## Exercise aim:
Check each line of the material that follows, and copy those holding the string "contexts".

## Data records:
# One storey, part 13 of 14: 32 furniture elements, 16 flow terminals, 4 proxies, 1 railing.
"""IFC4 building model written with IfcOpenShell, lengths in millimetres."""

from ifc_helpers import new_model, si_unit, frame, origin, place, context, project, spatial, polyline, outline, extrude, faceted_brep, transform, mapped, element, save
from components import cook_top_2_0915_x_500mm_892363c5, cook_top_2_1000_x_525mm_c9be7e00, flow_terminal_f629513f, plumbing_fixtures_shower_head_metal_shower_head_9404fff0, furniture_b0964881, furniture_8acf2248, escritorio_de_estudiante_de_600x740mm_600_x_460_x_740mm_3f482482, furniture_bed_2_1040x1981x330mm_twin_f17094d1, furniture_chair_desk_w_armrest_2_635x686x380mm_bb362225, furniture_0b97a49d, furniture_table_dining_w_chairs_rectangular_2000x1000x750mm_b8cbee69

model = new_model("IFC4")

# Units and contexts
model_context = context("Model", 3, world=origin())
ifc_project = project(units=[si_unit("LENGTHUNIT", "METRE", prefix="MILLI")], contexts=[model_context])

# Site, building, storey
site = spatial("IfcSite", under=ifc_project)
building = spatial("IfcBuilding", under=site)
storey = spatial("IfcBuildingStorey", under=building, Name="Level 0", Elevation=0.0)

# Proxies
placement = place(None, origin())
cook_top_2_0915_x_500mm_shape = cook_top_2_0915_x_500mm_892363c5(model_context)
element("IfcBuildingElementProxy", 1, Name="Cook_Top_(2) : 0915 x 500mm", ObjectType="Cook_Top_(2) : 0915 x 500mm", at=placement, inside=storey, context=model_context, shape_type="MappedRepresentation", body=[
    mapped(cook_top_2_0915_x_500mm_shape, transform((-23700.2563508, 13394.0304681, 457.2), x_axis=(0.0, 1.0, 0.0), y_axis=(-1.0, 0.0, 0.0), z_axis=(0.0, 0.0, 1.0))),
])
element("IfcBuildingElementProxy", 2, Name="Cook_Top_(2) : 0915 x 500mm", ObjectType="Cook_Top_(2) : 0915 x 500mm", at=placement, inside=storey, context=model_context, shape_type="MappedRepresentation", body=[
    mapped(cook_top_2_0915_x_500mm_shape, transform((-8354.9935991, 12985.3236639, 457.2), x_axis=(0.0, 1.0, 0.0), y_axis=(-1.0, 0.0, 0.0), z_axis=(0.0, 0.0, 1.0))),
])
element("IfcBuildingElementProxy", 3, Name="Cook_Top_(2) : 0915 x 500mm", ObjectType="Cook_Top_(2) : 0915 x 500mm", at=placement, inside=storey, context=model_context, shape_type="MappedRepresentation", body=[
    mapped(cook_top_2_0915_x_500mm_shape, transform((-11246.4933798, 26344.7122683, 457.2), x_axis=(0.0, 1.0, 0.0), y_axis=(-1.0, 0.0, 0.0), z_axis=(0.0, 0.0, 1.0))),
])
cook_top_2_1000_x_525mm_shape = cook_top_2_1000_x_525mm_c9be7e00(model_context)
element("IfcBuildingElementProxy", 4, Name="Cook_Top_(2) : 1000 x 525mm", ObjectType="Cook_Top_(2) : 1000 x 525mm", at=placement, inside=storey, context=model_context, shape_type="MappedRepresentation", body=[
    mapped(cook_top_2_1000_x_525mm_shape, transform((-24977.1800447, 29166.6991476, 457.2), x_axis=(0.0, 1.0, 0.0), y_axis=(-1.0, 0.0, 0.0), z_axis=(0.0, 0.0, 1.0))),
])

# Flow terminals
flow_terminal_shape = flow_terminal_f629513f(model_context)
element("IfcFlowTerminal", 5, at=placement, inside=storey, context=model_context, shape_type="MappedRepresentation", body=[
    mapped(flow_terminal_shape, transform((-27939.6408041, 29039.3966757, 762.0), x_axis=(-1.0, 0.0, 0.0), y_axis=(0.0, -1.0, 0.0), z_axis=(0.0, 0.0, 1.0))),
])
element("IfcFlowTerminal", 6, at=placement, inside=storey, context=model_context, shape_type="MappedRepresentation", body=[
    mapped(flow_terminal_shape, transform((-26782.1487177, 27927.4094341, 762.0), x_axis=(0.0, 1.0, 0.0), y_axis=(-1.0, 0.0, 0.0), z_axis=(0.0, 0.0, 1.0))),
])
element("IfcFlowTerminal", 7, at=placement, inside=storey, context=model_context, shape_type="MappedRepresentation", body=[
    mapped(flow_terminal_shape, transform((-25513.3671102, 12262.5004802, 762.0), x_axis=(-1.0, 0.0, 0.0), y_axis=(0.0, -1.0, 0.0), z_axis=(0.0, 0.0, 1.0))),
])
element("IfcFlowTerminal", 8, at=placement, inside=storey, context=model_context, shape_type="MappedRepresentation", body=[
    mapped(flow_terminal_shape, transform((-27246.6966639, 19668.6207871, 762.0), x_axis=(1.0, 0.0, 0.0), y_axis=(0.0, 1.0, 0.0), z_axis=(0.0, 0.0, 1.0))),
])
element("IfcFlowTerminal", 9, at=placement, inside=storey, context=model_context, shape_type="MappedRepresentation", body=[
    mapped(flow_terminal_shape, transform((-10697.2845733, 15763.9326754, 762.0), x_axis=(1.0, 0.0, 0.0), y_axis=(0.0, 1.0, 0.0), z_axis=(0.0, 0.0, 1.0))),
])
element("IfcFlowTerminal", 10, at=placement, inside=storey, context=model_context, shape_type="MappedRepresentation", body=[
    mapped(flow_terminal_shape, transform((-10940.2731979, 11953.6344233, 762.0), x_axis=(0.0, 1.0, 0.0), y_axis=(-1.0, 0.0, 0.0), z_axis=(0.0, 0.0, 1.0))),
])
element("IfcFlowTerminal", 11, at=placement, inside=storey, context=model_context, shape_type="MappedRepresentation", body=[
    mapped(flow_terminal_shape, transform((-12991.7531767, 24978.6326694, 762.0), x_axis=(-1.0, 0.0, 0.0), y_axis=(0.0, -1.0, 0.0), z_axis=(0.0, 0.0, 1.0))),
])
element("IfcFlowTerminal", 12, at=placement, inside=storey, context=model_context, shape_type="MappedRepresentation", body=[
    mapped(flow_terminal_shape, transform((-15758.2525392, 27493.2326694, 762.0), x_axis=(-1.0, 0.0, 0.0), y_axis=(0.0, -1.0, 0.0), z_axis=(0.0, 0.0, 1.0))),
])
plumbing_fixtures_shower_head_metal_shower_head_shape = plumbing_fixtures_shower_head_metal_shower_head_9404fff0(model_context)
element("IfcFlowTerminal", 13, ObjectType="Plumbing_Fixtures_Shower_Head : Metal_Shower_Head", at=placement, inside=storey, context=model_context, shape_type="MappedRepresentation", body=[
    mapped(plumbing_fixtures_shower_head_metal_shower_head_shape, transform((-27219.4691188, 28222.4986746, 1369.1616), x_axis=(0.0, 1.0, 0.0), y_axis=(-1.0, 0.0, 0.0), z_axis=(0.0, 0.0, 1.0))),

## Exercise solution:
# Units and contexts
ifc_project = project(units=[si_unit("LENGTHUNIT", "METRE", prefix="MILLI")], contexts=[model_context])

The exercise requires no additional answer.